◆ DATA FOR THIS EXERCISE:
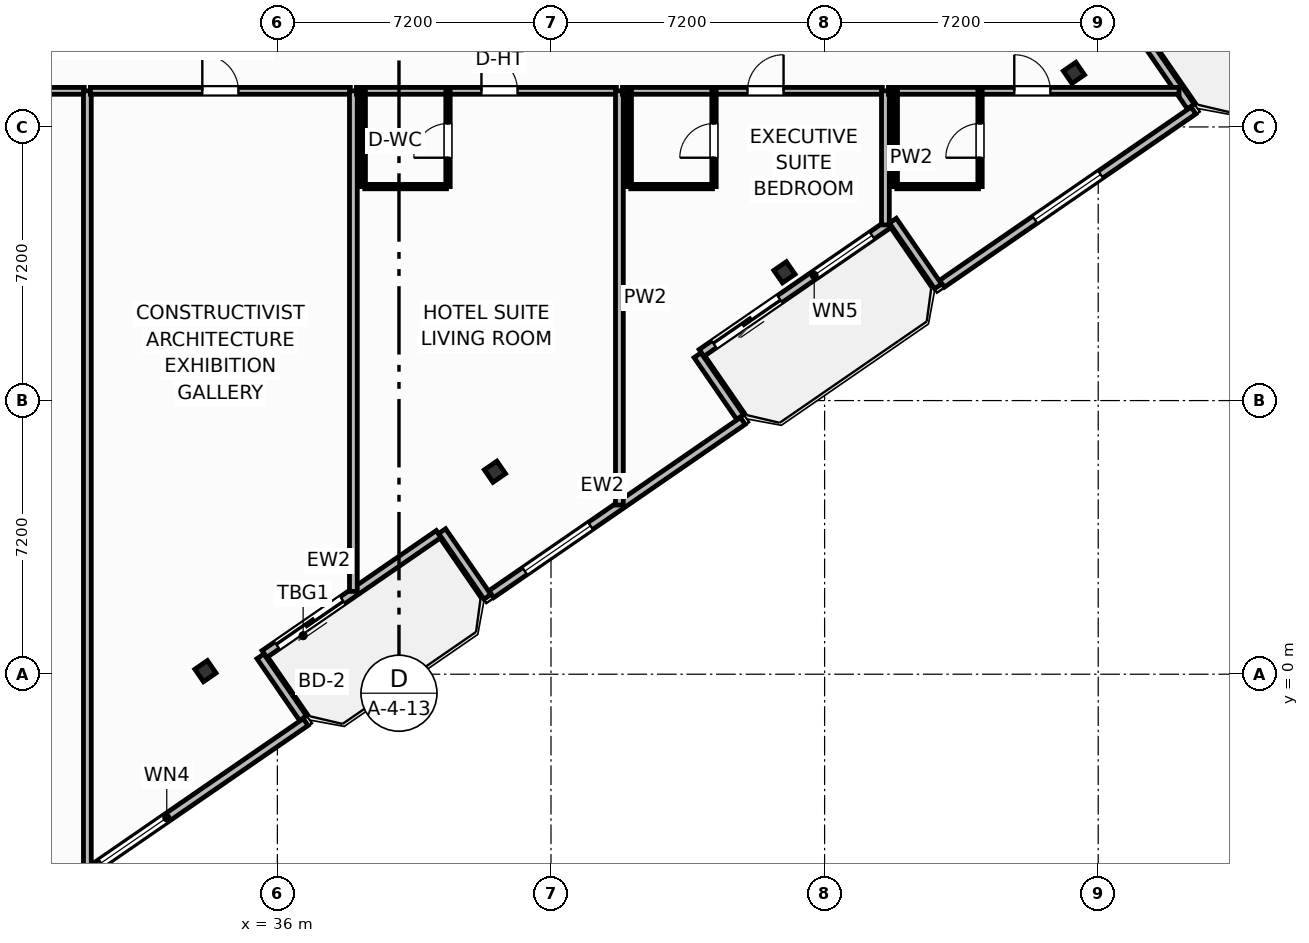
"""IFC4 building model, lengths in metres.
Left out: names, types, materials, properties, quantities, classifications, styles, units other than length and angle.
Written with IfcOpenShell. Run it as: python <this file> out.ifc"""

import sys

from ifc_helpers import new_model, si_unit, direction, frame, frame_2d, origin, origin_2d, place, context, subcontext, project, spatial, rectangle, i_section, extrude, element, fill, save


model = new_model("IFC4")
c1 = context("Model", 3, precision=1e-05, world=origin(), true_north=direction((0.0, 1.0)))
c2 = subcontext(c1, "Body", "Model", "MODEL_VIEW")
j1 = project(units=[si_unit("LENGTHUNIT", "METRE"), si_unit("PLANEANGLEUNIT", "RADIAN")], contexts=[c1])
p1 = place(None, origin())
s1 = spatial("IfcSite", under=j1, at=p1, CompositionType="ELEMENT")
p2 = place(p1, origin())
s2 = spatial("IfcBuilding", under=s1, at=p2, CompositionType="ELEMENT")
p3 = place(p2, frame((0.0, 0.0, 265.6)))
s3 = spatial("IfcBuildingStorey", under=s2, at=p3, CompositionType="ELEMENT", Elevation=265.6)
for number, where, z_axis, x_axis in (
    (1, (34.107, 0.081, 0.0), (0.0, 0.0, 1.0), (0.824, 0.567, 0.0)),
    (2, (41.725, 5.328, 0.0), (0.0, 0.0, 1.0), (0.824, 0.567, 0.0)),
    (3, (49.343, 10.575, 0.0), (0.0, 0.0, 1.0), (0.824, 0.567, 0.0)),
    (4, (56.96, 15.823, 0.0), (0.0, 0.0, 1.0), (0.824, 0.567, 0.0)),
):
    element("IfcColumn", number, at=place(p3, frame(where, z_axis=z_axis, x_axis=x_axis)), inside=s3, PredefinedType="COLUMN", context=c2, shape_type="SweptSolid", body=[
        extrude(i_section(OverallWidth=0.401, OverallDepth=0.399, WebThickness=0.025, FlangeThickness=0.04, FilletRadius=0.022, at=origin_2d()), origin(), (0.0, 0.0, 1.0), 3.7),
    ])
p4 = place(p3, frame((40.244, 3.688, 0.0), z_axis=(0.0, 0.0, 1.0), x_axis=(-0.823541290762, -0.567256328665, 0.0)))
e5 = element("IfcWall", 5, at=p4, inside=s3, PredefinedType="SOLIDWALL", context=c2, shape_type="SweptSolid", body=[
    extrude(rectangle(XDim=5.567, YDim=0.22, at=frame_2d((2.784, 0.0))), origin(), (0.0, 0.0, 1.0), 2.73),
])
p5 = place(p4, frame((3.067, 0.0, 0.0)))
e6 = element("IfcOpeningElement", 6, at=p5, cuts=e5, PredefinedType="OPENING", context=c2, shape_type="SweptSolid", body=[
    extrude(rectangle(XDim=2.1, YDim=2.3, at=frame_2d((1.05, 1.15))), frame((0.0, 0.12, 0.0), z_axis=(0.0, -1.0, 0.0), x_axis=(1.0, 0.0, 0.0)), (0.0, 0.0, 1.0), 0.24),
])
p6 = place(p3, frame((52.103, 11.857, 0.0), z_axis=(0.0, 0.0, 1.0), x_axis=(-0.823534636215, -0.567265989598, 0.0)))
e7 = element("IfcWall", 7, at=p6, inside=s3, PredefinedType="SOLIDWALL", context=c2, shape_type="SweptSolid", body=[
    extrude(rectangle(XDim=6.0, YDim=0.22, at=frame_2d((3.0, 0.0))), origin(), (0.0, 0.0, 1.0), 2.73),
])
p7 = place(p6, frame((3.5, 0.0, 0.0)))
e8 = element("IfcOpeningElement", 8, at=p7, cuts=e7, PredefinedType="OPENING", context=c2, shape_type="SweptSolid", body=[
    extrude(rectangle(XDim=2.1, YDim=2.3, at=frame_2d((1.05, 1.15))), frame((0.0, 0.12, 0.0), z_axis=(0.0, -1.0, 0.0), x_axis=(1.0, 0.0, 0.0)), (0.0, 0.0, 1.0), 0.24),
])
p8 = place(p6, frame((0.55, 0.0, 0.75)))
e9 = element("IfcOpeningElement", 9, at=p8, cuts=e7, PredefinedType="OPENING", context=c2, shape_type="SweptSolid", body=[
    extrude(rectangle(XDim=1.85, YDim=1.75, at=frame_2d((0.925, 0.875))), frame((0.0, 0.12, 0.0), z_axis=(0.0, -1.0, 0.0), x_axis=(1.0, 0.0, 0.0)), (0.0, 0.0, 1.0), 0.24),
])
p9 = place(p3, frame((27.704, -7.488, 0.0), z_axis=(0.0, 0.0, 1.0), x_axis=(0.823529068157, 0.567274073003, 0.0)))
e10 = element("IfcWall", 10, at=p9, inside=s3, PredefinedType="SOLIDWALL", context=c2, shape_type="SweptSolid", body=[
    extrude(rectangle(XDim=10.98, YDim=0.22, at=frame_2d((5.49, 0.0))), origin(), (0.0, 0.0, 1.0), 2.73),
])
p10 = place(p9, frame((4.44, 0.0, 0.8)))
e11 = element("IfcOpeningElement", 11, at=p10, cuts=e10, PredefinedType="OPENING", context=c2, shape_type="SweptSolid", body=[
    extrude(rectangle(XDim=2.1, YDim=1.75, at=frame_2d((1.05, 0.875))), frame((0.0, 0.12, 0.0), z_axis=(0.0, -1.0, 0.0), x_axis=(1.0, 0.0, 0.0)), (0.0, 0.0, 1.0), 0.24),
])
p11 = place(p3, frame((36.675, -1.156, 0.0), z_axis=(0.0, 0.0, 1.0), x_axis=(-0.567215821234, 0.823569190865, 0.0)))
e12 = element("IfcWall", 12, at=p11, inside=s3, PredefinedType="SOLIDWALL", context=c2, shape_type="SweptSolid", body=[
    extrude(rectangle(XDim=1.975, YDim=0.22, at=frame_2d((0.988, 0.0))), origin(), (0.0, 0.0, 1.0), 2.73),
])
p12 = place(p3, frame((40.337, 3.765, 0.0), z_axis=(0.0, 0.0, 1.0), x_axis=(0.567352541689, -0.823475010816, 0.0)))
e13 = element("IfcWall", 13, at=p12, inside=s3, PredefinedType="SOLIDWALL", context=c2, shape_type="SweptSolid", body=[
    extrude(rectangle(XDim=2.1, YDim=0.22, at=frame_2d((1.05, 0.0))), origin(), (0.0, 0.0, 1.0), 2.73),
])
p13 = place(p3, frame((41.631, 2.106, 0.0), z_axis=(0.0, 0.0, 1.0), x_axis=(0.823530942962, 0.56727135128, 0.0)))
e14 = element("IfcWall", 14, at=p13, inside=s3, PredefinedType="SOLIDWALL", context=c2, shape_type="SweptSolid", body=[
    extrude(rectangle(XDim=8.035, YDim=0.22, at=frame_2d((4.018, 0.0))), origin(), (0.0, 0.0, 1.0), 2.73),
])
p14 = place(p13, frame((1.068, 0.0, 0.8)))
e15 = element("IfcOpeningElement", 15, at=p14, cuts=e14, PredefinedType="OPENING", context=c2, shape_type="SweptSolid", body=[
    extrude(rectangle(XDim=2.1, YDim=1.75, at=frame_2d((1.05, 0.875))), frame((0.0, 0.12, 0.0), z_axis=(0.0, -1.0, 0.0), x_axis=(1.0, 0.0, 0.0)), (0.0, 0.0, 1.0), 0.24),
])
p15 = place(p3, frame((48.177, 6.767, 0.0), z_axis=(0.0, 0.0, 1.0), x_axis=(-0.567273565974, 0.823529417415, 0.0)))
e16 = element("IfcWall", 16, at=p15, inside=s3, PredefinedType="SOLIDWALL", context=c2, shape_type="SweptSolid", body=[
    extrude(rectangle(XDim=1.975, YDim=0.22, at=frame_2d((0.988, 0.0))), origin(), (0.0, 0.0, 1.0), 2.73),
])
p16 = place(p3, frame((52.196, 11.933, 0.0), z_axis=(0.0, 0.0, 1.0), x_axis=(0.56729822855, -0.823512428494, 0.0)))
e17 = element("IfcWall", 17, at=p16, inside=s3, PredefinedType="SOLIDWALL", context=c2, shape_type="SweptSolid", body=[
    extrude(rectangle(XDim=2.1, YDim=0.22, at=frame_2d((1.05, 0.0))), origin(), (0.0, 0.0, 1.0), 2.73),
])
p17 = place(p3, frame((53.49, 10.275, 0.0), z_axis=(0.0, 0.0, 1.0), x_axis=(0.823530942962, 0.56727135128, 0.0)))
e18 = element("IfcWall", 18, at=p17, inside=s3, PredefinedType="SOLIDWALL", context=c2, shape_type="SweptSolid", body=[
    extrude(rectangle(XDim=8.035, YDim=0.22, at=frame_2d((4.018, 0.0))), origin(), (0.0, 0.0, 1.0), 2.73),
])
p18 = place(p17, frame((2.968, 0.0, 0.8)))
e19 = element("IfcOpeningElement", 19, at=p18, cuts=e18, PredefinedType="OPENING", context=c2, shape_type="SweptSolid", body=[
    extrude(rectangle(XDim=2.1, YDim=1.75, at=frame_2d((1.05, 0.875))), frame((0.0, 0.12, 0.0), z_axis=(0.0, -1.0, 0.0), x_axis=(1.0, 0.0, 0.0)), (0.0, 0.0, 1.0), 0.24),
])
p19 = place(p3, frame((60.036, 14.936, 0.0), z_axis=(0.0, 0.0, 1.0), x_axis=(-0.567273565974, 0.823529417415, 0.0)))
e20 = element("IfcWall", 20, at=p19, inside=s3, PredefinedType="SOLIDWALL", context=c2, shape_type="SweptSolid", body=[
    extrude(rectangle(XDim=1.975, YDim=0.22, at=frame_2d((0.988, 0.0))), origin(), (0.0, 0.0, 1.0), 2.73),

◆ DIRECTIONS FOR THIS TASK:
Work out the number of lines in the listing above that hold the string "import". Reply with that number only.

◆ RESULT OF THE EXERCISE:
2